▶ What you are asked to do: Wherever a line in the records contains the word "import", return that line.

▶ Task input:

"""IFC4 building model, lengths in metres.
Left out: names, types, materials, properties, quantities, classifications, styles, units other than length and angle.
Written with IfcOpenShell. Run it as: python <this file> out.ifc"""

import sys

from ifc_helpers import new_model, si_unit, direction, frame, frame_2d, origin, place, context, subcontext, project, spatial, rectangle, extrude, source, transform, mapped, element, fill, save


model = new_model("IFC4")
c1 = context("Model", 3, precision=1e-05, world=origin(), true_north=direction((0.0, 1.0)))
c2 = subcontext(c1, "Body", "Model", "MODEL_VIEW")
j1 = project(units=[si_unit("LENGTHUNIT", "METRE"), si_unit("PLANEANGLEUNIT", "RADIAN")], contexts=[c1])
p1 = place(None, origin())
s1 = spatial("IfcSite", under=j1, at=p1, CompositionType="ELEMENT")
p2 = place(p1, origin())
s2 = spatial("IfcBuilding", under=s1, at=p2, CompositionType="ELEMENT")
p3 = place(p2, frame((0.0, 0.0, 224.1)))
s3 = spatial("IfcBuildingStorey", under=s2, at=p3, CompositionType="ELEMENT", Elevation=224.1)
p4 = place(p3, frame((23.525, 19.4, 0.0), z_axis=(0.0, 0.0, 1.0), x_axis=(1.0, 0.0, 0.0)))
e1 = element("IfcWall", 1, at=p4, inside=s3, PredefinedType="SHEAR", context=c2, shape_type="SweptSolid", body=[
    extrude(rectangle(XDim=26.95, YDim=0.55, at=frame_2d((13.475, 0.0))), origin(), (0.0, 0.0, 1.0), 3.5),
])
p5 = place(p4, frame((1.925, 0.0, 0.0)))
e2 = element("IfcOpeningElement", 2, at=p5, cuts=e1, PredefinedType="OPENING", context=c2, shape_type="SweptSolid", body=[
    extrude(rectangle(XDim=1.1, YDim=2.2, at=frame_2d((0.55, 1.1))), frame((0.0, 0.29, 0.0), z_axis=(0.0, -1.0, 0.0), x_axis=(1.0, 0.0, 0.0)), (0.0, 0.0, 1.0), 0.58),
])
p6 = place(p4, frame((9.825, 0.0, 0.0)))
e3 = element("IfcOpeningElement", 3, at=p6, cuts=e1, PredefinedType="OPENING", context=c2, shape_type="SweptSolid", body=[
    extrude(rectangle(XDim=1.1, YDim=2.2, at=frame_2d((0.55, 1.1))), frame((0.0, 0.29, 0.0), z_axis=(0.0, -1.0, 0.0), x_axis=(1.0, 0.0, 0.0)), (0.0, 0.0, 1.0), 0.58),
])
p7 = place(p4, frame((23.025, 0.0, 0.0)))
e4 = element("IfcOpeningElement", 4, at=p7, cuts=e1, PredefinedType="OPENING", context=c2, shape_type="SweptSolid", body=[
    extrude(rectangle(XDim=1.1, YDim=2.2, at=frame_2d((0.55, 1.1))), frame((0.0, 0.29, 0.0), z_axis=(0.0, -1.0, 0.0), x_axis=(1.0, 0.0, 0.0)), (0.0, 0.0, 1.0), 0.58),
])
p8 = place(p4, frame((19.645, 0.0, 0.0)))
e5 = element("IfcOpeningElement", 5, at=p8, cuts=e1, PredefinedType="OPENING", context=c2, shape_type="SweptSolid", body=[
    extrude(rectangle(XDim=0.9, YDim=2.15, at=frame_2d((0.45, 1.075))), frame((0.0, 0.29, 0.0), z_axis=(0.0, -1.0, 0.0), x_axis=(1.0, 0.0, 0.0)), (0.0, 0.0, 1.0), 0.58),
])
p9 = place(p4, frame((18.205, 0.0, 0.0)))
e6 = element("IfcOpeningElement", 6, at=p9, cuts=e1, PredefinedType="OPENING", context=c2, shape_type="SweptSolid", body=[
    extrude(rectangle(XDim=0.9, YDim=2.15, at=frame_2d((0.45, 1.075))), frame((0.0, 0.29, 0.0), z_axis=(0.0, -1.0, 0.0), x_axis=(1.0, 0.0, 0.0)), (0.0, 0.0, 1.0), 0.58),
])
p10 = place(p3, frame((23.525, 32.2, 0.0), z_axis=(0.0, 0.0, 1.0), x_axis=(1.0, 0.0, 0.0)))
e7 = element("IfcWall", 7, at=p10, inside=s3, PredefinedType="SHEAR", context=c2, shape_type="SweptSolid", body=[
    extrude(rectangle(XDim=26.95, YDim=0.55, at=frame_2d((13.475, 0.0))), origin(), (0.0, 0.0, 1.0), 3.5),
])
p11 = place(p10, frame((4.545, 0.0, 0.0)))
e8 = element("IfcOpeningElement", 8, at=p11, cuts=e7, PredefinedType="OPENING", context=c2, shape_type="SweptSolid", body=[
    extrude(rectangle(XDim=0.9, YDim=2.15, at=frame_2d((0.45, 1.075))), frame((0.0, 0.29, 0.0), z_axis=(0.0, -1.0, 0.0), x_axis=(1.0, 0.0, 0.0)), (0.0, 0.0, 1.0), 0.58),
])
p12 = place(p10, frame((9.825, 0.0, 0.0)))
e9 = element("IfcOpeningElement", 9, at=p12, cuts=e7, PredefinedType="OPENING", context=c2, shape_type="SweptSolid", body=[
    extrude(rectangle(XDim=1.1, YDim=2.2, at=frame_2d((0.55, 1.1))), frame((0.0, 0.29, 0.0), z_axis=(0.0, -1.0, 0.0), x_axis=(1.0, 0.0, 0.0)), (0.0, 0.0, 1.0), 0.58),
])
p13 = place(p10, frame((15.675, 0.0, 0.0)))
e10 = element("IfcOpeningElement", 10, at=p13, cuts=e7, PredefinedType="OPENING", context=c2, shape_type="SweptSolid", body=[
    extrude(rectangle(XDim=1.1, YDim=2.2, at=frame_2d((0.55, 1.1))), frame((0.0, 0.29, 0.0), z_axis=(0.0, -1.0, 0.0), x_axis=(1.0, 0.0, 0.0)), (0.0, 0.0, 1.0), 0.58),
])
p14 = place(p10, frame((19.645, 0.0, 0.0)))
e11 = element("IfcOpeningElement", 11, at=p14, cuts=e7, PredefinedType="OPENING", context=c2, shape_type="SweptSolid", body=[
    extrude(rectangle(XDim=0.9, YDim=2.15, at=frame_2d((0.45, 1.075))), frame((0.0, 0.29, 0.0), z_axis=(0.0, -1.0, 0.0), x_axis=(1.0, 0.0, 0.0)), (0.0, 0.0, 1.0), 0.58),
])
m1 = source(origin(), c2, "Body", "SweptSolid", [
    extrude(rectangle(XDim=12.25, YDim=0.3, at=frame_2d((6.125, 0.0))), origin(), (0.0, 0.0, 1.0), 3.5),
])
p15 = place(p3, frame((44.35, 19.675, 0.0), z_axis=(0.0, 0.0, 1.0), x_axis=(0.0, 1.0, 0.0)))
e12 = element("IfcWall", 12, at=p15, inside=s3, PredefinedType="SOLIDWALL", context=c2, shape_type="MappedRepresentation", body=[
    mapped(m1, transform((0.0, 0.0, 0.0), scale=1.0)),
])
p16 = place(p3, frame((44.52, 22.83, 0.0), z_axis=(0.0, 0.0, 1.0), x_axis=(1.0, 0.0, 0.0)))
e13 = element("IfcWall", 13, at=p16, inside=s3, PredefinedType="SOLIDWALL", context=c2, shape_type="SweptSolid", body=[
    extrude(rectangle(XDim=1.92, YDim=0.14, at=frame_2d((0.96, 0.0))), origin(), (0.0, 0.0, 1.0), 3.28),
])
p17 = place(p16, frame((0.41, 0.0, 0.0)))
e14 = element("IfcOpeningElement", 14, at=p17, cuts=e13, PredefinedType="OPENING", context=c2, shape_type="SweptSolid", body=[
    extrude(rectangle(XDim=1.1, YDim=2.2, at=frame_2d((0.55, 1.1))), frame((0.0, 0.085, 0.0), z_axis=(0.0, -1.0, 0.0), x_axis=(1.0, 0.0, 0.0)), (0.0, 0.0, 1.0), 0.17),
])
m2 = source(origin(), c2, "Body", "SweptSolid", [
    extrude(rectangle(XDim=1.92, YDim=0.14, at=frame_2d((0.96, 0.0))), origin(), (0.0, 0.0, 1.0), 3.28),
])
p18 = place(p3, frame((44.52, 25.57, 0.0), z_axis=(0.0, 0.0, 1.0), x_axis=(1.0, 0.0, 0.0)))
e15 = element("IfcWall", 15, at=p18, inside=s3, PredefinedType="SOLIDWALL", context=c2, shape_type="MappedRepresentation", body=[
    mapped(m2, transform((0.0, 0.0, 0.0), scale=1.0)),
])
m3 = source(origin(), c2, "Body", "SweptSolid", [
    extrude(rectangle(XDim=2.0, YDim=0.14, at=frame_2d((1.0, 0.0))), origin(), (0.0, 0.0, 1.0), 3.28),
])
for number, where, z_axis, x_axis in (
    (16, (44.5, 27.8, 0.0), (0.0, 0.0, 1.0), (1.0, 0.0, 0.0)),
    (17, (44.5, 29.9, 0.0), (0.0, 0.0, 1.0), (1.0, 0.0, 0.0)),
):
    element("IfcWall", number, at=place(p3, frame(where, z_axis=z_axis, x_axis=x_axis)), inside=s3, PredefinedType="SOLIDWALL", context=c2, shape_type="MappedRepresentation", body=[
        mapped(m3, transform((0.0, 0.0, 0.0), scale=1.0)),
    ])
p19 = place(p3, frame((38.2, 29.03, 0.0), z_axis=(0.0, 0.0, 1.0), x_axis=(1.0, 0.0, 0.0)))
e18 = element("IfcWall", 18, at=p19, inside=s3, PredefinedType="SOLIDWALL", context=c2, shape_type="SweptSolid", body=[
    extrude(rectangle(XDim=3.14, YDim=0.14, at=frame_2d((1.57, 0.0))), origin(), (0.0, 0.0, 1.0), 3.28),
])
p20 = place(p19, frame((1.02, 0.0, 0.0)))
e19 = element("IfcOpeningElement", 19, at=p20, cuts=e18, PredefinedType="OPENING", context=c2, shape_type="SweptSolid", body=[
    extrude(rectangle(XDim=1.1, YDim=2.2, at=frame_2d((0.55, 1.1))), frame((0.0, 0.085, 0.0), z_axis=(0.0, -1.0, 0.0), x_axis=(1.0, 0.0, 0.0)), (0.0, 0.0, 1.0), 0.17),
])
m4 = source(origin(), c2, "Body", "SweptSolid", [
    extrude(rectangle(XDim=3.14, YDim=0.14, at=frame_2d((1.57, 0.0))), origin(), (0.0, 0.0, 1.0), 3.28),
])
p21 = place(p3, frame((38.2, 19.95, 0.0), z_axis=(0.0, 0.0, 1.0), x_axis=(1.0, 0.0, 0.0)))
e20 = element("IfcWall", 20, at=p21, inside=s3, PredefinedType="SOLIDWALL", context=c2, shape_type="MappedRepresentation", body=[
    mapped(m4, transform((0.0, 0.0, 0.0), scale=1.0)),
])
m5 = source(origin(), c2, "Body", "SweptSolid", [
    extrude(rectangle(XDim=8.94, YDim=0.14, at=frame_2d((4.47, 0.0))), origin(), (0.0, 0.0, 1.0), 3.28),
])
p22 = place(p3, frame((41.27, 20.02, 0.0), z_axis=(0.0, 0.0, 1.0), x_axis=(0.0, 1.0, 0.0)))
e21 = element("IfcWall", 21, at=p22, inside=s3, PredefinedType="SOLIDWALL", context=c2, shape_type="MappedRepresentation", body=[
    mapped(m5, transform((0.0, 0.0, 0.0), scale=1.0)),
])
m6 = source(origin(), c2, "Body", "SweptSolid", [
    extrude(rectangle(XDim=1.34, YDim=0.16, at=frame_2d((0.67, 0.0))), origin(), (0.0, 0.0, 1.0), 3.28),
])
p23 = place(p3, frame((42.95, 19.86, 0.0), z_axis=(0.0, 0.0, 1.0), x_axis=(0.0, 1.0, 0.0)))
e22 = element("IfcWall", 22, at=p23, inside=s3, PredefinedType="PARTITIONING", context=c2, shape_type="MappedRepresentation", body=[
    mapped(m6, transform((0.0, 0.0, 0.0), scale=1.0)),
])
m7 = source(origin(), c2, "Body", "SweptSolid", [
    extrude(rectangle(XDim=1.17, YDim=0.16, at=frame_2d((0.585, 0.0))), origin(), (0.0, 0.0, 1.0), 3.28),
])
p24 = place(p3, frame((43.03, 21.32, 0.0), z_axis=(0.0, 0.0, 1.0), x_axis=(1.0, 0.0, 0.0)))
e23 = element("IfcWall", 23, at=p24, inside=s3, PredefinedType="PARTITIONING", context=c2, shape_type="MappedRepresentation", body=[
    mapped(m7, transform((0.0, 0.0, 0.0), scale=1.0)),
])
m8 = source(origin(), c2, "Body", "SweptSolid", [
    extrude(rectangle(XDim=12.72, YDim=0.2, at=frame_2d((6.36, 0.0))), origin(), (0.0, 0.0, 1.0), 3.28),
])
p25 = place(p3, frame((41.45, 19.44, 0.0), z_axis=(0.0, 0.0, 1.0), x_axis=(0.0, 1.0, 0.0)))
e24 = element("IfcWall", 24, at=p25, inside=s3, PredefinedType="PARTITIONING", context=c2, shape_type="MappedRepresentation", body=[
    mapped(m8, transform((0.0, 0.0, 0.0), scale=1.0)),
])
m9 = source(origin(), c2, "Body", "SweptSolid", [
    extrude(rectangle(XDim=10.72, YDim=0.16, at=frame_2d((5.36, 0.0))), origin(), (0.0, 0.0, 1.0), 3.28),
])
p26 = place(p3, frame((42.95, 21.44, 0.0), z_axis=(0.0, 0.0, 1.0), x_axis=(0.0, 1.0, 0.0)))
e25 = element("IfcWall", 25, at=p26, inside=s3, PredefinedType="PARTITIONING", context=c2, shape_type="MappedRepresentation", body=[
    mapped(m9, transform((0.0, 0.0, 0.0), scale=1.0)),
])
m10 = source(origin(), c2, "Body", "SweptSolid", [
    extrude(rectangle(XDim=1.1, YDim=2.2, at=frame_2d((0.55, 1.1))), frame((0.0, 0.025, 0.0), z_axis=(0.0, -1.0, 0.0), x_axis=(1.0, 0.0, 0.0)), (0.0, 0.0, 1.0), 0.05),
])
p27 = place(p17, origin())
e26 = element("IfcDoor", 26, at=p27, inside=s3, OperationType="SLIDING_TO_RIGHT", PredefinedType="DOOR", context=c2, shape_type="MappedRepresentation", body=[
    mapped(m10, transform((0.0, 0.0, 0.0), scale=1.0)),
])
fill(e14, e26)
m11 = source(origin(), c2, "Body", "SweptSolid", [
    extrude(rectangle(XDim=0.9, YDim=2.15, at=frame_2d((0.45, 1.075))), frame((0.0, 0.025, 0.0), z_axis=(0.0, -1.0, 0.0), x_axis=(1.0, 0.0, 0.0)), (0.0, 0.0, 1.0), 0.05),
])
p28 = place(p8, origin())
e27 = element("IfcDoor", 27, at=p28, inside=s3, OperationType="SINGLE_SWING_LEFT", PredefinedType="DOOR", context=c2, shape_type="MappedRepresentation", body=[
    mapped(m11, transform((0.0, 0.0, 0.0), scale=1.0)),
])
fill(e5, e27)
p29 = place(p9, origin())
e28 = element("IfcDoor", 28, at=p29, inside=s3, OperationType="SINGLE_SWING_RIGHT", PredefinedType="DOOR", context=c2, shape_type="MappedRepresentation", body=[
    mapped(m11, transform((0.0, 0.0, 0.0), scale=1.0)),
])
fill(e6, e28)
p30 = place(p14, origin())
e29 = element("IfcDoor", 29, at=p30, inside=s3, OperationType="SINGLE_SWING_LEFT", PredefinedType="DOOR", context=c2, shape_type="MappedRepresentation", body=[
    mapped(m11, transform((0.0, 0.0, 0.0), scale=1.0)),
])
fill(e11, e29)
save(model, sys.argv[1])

▶ Response to this task:
import sys
from ifc_helpers import new_model, si_unit, direction, frame, frame_2d, origin, place, context, subcontext, project, spatial, rectangle, extrude, source, transform, mapped, element, fill, save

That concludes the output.